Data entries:

————

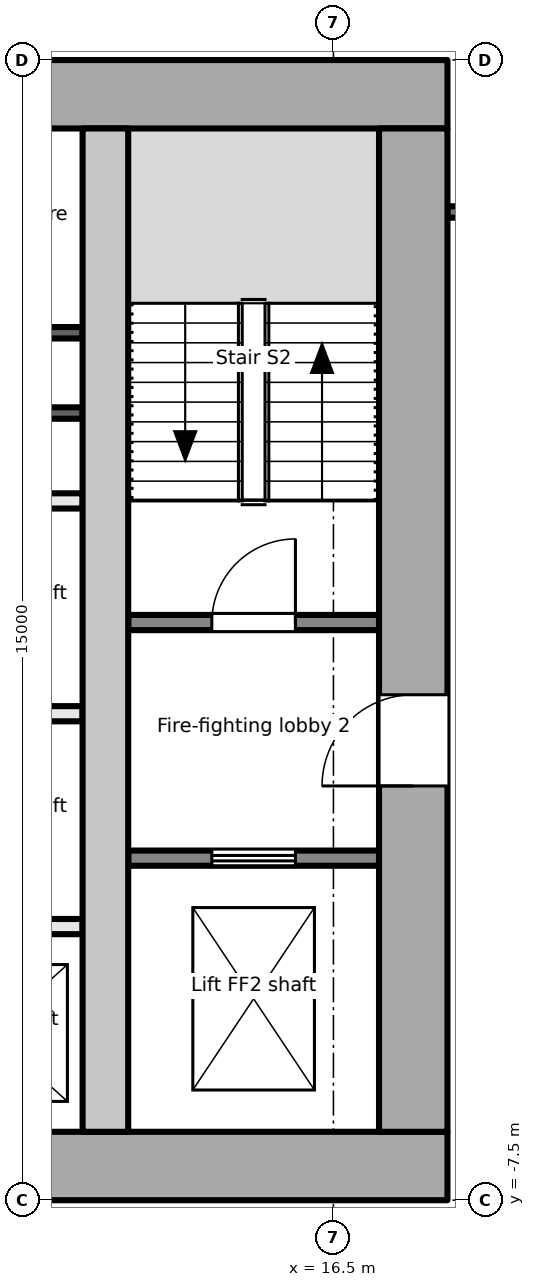
"""IFC4 building model, lengths in metres.
Left out: names, types, materials, properties, quantities, classifications, styles, units other than length and angle.
Written with IfcOpenShell. Run it as: python <this file> out.ifc"""

import sys

from ifc_helpers import new_model, si_unit, direction, frame, frame_2d, origin, place, context, subcontext, project, spatial, rectangle, extrude, element, fill, save


model = new_model("IFC4")
c1 = context("Model", 3, precision=1e-05, world=origin(), true_north=direction((0.0, 1.0)))
c2 = subcontext(c1, "Body", "Model", "MODEL_VIEW")
j1 = project(units=[si_unit("LENGTHUNIT", "METRE"), si_unit("PLANEANGLEUNIT", "RADIAN")], contexts=[c1])
p1 = place(None, origin())
s1 = spatial("IfcSite", under=j1, at=p1, CompositionType="ELEMENT")
p2 = place(p1, origin())
s2 = spatial("IfcBuilding", under=s1, at=p2, CompositionType="ELEMENT")
p3 = place(p2, frame((0.0, 0.0, 191.9)))
s3 = spatial("IfcBuildingStorey", under=s2, at=p3, CompositionType="ELEMENT", Elevation=191.9)
p4 = place(p3, frame((-18.0, -7.05, -0.2), z_axis=(0.0, 0.0, 1.0), x_axis=(1.0, 0.0, 0.0)))
e1 = element("IfcWall", 1, at=p4, inside=s3, PredefinedType="SHEAR", context=c2, shape_type="SweptSolid", body=[
    extrude(rectangle(XDim=36.0, YDim=0.9, at=frame_2d((18.0, 0.0))), origin(), (0.0, 0.0, 1.0), 3.9),
])
p5 = place(p4, frame((8.1, 0.0, 0.2)))
e2 = element("IfcOpeningElement", 2, at=p5, cuts=e1, PredefinedType="OPENING", context=c2, shape_type="SweptSolid", body=[
    extrude(rectangle(XDim=1.8, YDim=2.1, at=frame_2d((0.9, 1.05))), frame((0.0, 0.46, 0.0), z_axis=(0.0, -1.0, 0.0), x_axis=(1.0, 0.0, 0.0)), (0.0, 0.0, 1.0), 0.921),
])
p6 = place(p4, frame((16.8, 0.0, 0.2)))
e3 = element("IfcOpeningElement", 3, at=p6, cuts=e1, PredefinedType="OPENING", context=c2, shape_type="SweptSolid", body=[
    extrude(rectangle(XDim=2.4, YDim=2.1, at=frame_2d((1.2, 1.05))), frame((0.0, 0.46, 0.0), z_axis=(0.0, -1.0, 0.0), x_axis=(1.0, 0.0, 0.0)), (0.0, 0.0, 1.0), 0.921),
])
p7 = place(p4, frame((26.1, 0.0, 0.2)))
e4 = element("IfcOpeningElement", 4, at=p7, cuts=e1, PredefinedType="OPENING", context=c2, shape_type="SweptSolid", body=[
    extrude(rectangle(XDim=2.4, YDim=2.1, at=frame_2d((1.2, 1.05))), frame((0.0, 0.46, 0.0), z_axis=(0.0, -1.0, 0.0), x_axis=(1.0, 0.0, 0.0)), (0.0, 0.0, 1.0), 0.921),
])
p8 = place(p3, frame((-18.0, 7.05, -0.2), z_axis=(0.0, 0.0, 1.0), x_axis=(1.0, 0.0, 0.0)))
e5 = element("IfcWall", 5, at=p8, inside=s3, PredefinedType="SHEAR", context=c2, shape_type="SweptSolid", body=[
    extrude(rectangle(XDim=36.0, YDim=0.9, at=frame_2d((18.0, 0.0))), origin(), (0.0, 0.0, 1.0), 3.9),
])
p9 = place(p3, frame((17.55, -6.6, -0.2), z_axis=(0.0, 0.0, 1.0), x_axis=(0.0, 1.0, 0.0)))
e6 = element("IfcWall", 6, at=p9, inside=s3, PredefinedType="SHEAR", context=c2, shape_type="SweptSolid", body=[
    extrude(rectangle(XDim=13.2, YDim=0.9, at=frame_2d((6.6, 0.0))), origin(), (0.0, 0.0, 1.0), 3.9),
])
p10 = place(p9, frame((4.55, 0.0, 0.2)))
e7 = element("IfcOpeningElement", 7, at=p10, cuts=e6, PredefinedType="OPENING", context=c2, shape_type="SweptSolid", body=[
    extrude(rectangle(XDim=1.2, YDim=2.1, at=frame_2d((0.6, 1.05))), frame((0.0, 0.46, 0.0), z_axis=(0.0, -1.0, 0.0), x_axis=(1.0, 0.0, 0.0)), (0.0, 0.0, 1.0), 0.921),
])
p11 = place(p3, frame((13.5, -6.6, -0.2), z_axis=(0.0, 0.0, 1.0), x_axis=(0.0, 1.0, 0.0)))
e8 = element("IfcWall", 8, at=p11, inside=s3, PredefinedType="SHEAR", context=c2, shape_type="SweptSolid", body=[
    extrude(rectangle(XDim=13.2, YDim=0.6, at=frame_2d((6.6, 0.0))), origin(), (0.0, 0.0, 1.0), 3.9),
])
p12 = place(p3, frame((13.8, -3.0, 0.0), z_axis=(0.0, 0.0, 1.0), x_axis=(1.0, 0.0, 0.0)))
e9 = element("IfcWall", 9, at=p12, inside=s3, PredefinedType="PARTITIONING", context=c2, shape_type="SweptSolid", body=[
    extrude(rectangle(XDim=3.3, YDim=0.2, at=frame_2d((1.65, 0.0))), origin(), (0.0, 0.0, 1.0), 3.7),
])
p13 = place(p12, frame((1.1, 0.0, 0.0)))
e10 = element("IfcOpeningElement", 10, at=p13, cuts=e9, PredefinedType="OPENING", context=c2, shape_type="SweptSolid", body=[
    extrude(rectangle(XDim=1.1, YDim=2.1, at=frame_2d((0.55, 1.05))), frame((0.0, 0.111, 0.0), z_axis=(0.0, -1.0, 0.0), x_axis=(1.0, 0.0, 0.0)), (0.0, 0.0, 1.0), 0.221),
])
p14 = place(p3, frame((13.8, 0.1, 0.0), z_axis=(0.0, 0.0, 1.0), x_axis=(1.0, 0.0, 0.0)))
e11 = element("IfcWall", 11, at=p14, inside=s3, PredefinedType="PARTITIONING", context=c2, shape_type="SweptSolid", body=[
    extrude(rectangle(XDim=3.3, YDim=0.2, at=frame_2d((1.65, 0.0))), origin(), (0.0, 0.0, 1.0), 3.7),
])
p15 = place(p14, frame((1.1, 0.0, 0.0)))
e12 = element("IfcOpeningElement", 12, at=p15, cuts=e11, PredefinedType="OPENING", context=c2, shape_type="SweptSolid", body=[
    extrude(rectangle(XDim=1.1, YDim=2.1, at=frame_2d((0.55, 1.05))), frame((0.0, 0.111, 0.0), z_axis=(0.0, -1.0, 0.0), x_axis=(1.0, 0.0, 0.0)), (0.0, 0.0, 1.0), 0.221),
])
for number, where, z_axis, x_axis in (
    (13, (10.9, -3.9, 0.0), (0.0, 0.0, 1.0), (1.0, 0.0, 0.0)),
    (14, (10.9, -1.1, 0.0), (0.0, 0.0, 1.0), (1.0, 0.0, 0.0)),
    (15, (10.9, 1.7, 0.0), (0.0, 0.0, 1.0), (1.0, 0.0, 0.0)),
):
    element("IfcWall", number, at=place(p3, frame(where, z_axis=z_axis, x_axis=x_axis)), inside=s3, PredefinedType="PARTITIONING", context=c2, shape_type="SweptSolid", body=[
        extrude(rectangle(XDim=2.3, YDim=0.2, at=frame_2d((1.15, 0.0))), origin(), (0.0, 0.0, 1.0), 3.7),
    ])
for number, where, z_axis, x_axis in (
    (16, (10.9, 2.856, 0.0), (0.0, 0.0, 1.0), (1.0, 0.0, 0.0)),
    (17, (10.9, 3.912, 0.0), (0.0, 0.0, 1.0), (1.0, 0.0, 0.0)),
):
    element("IfcWall", number, at=place(p3, frame(where, z_axis=z_axis, x_axis=x_axis)), inside=s3, PredefinedType="PARTITIONING", context=c2, shape_type="SweptSolid", body=[
        extrude(rectangle(XDim=2.3, YDim=0.15, at=frame_2d((1.15, 0.0))), origin(), (0.0, 0.0, 1.0), 3.7),
    ])
p16 = place(p3, frame((18.0, 5.501, 0.0), z_axis=(0.0, 0.0, 1.0), x_axis=(1.0, 0.0, 0.0)))
e18 = element("IfcWall", 18, at=p16, inside=s3, PredefinedType="PARTITIONING", context=c2, shape_type="SweptSolid", body=[
    extrude(rectangle(XDim=2.325, YDim=0.15, at=frame_2d((1.163, 0.0))), origin(), (0.0, 0.0, 1.0), 3.7),
])
p17 = place(p16, frame((0.268, 0.0, 0.0)))
e19 = element("IfcOpeningElement", 19, at=p17, cuts=e18, PredefinedType="OPENING", context=c2, shape_type="SweptSolid", body=[
    extrude(rectangle(XDim=1.8, YDim=2.1, at=frame_2d((0.9, 1.05))), frame((0.0, 0.085, 0.0), z_axis=(0.0, -1.0, 0.0), x_axis=(1.0, 0.0, 0.0)), (0.0, 0.0, 1.0), 0.171),
])
p18 = place(p13, origin())
e20 = element("IfcDoor", 20, at=p18, inside=s3, OperationType="DOUBLE_DOOR_SLIDING", PredefinedType="DOOR", context=c2, shape_type="SweptSolid", body=[
    extrude(rectangle(XDim=1.1, YDim=2.1, at=frame_2d((0.55, 1.05))), frame((0.0, 0.025, 0.0), z_axis=(0.0, -1.0, 0.0), x_axis=(1.0, 0.0, 0.0)), (0.0, 0.0, 1.0), 0.05),
])
fill(e10, e20)
p19 = place(p10, origin())
e21 = element("IfcDoor", 21, at=p19, inside=s3, OperationType="SINGLE_SWING_LEFT", PredefinedType="DOOR", context=c2, shape_type="SweptSolid", body=[
    extrude(rectangle(XDim=1.2, YDim=2.1, at=frame_2d((0.6, 1.05))), frame((0.0, 0.025, 0.0), z_axis=(0.0, -1.0, 0.0), x_axis=(1.0, 0.0, 0.0)), (0.0, 0.0, 1.0), 0.05),
])
fill(e7, e21)
p20 = place(p15, origin())
e22 = element("IfcDoor", 22, at=p20, inside=s3, OperationType="SINGLE_SWING_RIGHT", PredefinedType="DOOR", context=c2, shape_type="SweptSolid", body=[
    extrude(rectangle(XDim=1.1, YDim=2.1, at=frame_2d((0.55, 1.05))), frame((0.0, 0.025, 0.0), z_axis=(0.0, -1.0, 0.0), x_axis=(1.0, 0.0, 0.0)), (0.0, 0.0, 1.0), 0.05),
])
fill(e12, e22)
save(model, sys.argv[1])

————

Exercise requirements: Could you retype exactly the lines above, starting at the line that contains "p2 = place(p1, origin())" and ending at the line that contains "-7.05, -0.2), z_axis=(0.0, 0.0, 1.0), x_axis=(1.0, 0.0, 0.0)))", and nothing more?

Exercise response:
p2 = place(p1, origin())
s2 = spatial("IfcBuilding", under=s1, at=p2, CompositionType="ELEMENT")
p3 = place(p2, frame((0.0, 0.0, 191.9)))
s3 = spatial("IfcBuildingStorey", under=s2, at=p3, CompositionType="ELEMENT", Elevation=191.9)
p4 = place(p3, frame((-18.0, -7.05, -0.2), z_axis=(0.0, 0.0, 1.0), x_axis=(1.0, 0.0, 0.0)))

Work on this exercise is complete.